◆ **Excerpted data**
——————————

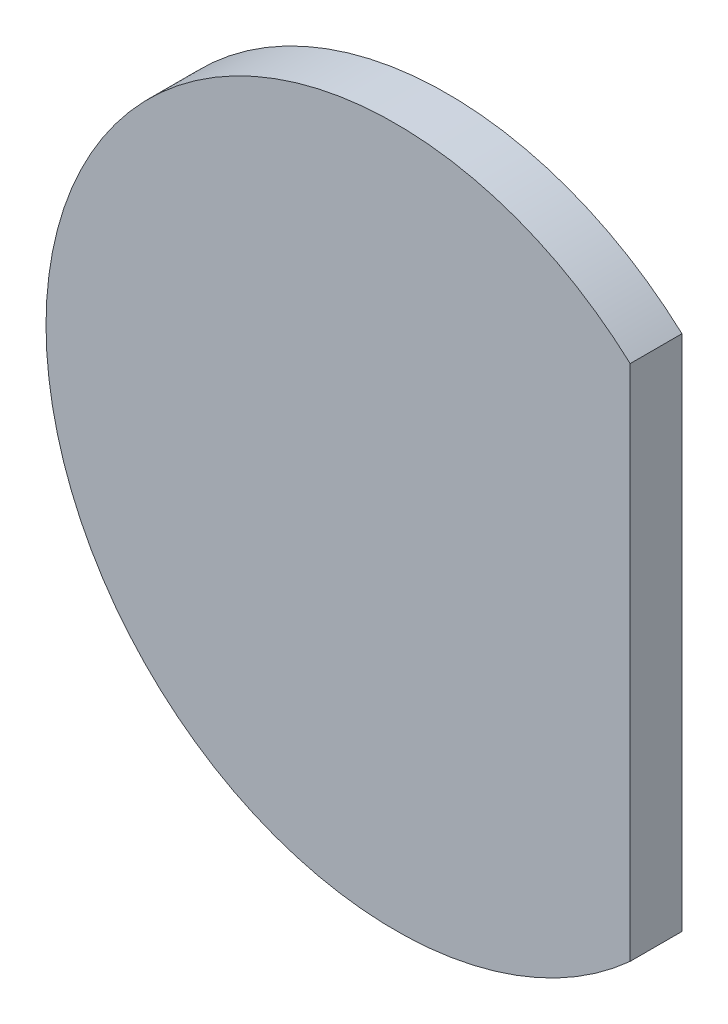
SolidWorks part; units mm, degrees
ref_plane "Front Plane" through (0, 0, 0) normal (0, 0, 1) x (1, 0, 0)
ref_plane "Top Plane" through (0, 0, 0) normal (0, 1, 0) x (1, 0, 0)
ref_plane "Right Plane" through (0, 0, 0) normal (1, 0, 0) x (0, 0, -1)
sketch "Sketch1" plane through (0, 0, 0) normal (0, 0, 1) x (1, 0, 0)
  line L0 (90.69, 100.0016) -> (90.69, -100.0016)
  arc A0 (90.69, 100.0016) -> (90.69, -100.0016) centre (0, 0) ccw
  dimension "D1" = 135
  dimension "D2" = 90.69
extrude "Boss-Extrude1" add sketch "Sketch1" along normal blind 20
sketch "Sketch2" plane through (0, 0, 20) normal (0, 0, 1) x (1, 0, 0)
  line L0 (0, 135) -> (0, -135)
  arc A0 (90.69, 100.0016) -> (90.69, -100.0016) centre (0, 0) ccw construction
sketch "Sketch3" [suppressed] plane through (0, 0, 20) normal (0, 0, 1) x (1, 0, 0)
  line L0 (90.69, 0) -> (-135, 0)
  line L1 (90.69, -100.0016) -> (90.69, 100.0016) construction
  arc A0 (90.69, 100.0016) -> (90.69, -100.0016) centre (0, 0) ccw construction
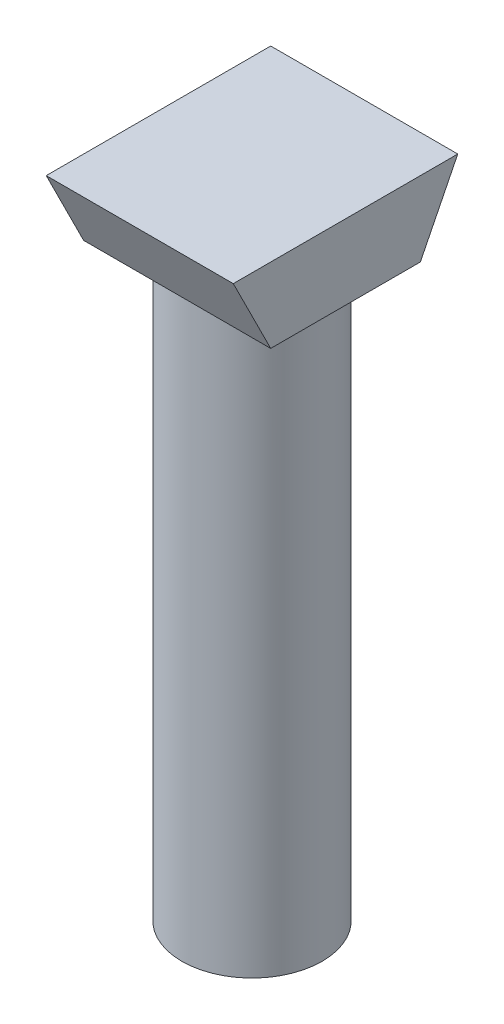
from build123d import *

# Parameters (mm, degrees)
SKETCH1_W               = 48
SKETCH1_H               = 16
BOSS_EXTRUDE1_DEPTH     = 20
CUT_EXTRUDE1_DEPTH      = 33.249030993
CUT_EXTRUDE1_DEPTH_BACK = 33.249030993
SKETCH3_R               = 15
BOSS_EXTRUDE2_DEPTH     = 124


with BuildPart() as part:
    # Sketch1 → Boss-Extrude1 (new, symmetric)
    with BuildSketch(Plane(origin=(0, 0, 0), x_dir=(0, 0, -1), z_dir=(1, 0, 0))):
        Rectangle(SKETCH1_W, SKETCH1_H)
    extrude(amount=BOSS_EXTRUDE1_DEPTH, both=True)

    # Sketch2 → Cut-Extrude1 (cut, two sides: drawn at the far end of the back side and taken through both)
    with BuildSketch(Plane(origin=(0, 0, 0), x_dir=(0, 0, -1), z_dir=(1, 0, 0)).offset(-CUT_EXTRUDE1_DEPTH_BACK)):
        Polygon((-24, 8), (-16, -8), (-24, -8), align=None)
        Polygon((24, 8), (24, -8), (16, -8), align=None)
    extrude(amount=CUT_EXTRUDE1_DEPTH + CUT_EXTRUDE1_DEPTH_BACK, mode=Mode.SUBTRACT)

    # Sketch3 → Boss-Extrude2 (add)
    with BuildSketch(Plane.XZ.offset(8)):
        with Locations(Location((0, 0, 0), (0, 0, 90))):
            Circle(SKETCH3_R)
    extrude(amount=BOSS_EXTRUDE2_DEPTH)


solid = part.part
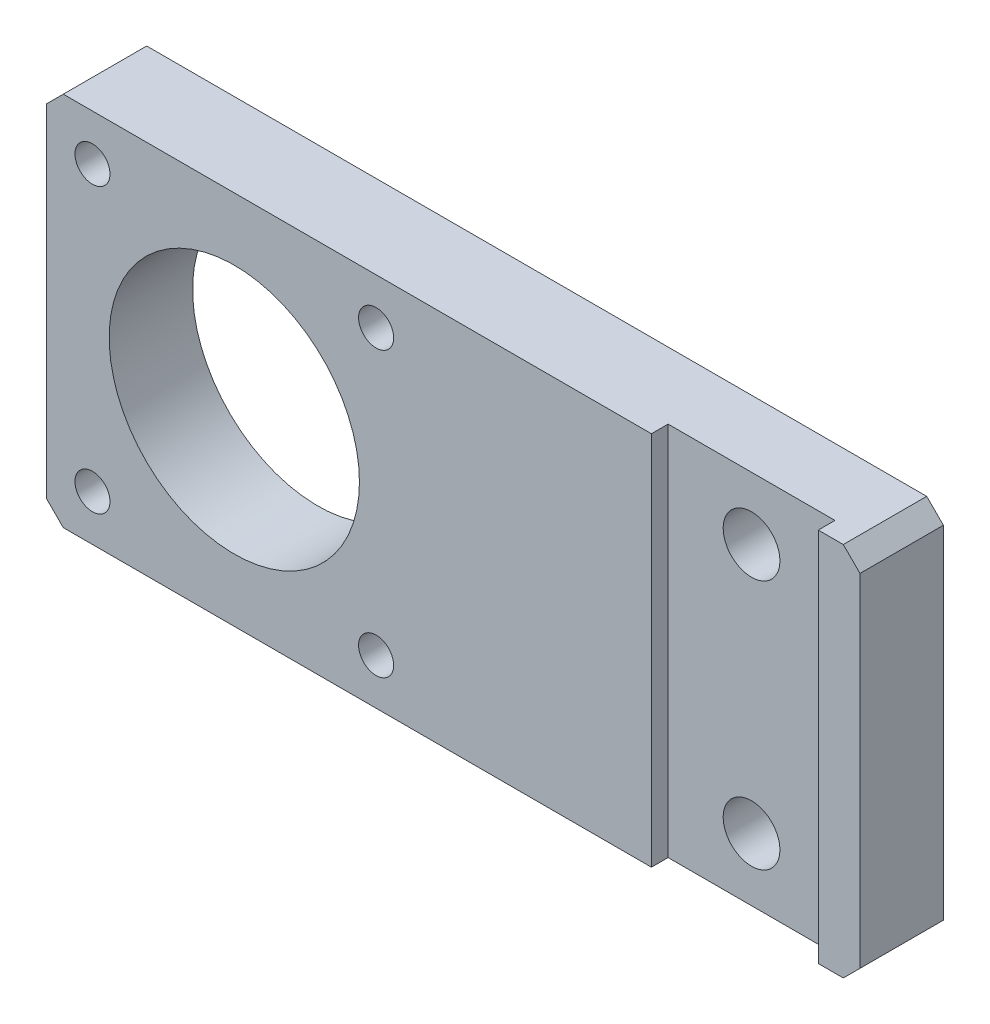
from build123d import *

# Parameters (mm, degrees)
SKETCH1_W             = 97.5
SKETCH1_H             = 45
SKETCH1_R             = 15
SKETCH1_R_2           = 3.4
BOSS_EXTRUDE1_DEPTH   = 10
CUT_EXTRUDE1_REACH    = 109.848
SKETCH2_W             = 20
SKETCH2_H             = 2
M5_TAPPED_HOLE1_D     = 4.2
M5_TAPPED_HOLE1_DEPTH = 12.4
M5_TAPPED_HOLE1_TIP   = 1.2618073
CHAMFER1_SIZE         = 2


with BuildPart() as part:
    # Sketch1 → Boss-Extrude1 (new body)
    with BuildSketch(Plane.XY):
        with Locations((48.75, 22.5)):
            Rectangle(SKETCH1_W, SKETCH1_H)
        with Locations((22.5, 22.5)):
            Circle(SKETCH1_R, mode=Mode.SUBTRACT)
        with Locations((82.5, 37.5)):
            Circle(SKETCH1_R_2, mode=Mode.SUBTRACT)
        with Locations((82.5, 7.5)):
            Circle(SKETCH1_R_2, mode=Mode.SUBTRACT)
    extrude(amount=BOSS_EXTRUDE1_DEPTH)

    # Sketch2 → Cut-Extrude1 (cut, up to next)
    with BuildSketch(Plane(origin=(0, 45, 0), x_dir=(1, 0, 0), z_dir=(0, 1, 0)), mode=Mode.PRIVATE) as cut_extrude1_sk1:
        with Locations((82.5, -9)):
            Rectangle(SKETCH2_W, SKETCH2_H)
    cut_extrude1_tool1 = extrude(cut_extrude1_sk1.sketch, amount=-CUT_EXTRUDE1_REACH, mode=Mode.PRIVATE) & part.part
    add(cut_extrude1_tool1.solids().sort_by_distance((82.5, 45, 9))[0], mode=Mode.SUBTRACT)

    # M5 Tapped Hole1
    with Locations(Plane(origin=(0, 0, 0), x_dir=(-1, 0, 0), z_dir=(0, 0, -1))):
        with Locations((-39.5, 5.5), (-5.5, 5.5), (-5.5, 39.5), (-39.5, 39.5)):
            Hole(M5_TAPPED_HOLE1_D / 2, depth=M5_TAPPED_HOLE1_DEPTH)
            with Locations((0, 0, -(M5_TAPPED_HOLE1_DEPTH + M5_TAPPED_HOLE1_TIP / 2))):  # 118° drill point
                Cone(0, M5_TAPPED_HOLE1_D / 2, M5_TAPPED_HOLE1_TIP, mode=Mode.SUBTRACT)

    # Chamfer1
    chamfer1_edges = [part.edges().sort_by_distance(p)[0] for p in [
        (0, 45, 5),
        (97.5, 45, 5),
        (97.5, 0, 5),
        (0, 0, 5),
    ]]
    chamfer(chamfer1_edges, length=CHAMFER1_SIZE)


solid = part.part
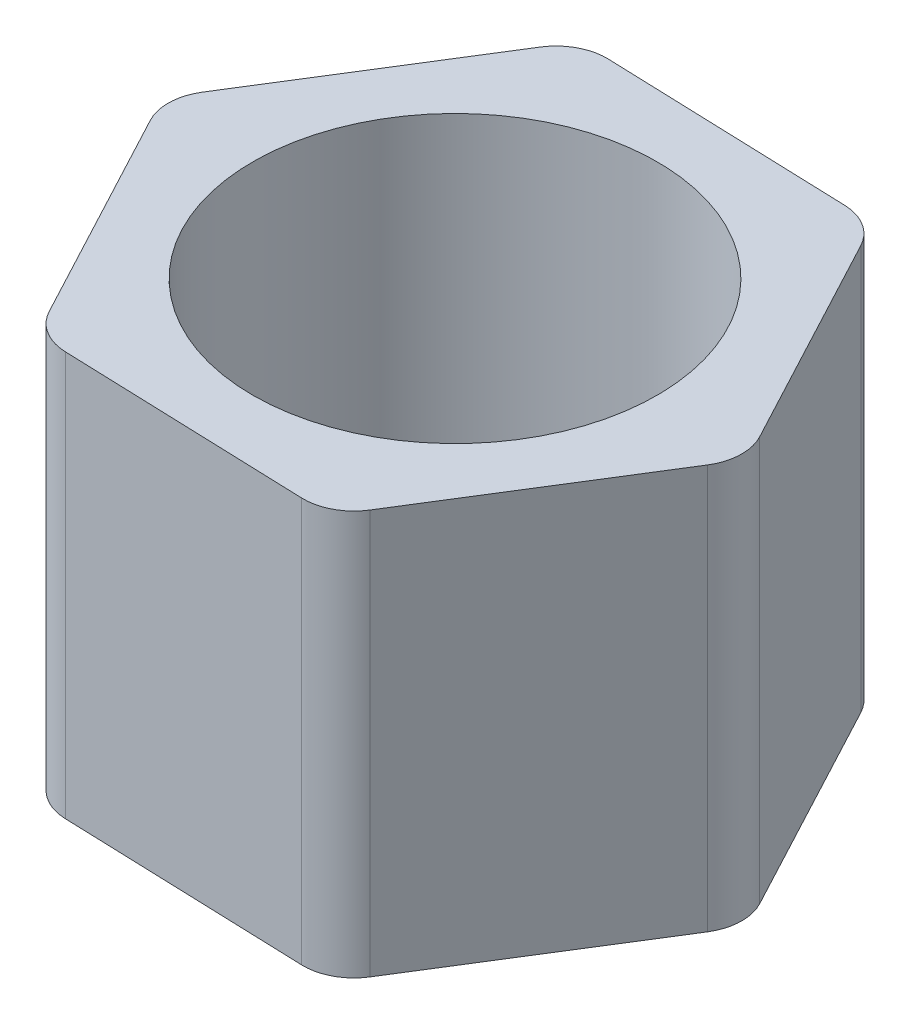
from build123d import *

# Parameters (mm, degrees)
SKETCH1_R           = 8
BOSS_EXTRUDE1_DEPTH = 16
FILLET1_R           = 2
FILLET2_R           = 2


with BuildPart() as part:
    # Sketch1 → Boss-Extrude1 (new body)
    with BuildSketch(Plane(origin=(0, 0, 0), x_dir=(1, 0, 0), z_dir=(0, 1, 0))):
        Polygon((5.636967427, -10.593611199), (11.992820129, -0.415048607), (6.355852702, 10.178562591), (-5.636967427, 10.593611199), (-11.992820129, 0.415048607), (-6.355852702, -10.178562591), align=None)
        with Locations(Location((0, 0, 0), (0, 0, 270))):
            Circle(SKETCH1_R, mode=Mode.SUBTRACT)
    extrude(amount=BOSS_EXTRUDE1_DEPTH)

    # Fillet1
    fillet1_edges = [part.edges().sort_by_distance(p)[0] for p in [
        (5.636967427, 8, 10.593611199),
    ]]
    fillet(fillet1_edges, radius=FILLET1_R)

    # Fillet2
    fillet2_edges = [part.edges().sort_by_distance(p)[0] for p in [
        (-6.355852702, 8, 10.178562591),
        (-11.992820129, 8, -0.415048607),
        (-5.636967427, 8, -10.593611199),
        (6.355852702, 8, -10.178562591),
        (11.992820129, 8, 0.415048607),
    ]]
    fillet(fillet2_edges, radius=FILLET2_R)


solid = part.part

——————————

◆ **Work request**
Which of the lines in the material above contain "amount"? Copy each one out.

◆ **Exercise response**
    extrude(amount=BOSS_EXTRUDE1_DEPTH, both=True)
    extrude(amount=CUT_EXTRUDE1_DEPTH + CUT_EXTRUDE1_DEPTH_BACK, mode=Mode.SUBTRACT)
    extrude(amount=BOSS_EXTRUDE2_DEPTH)
    extrude(amount=BOSS_EXTRUDE1_DEPTH)
    cut_extrude1_tool1 = extrude(cut_extrude1_sk1.sketch, amount=-CUT_EXTRUDE1_REACH, mode=Mode.PRIVATE) & part.part
    extrude(amount=BOSS_EXTRUDE1_DEPTH)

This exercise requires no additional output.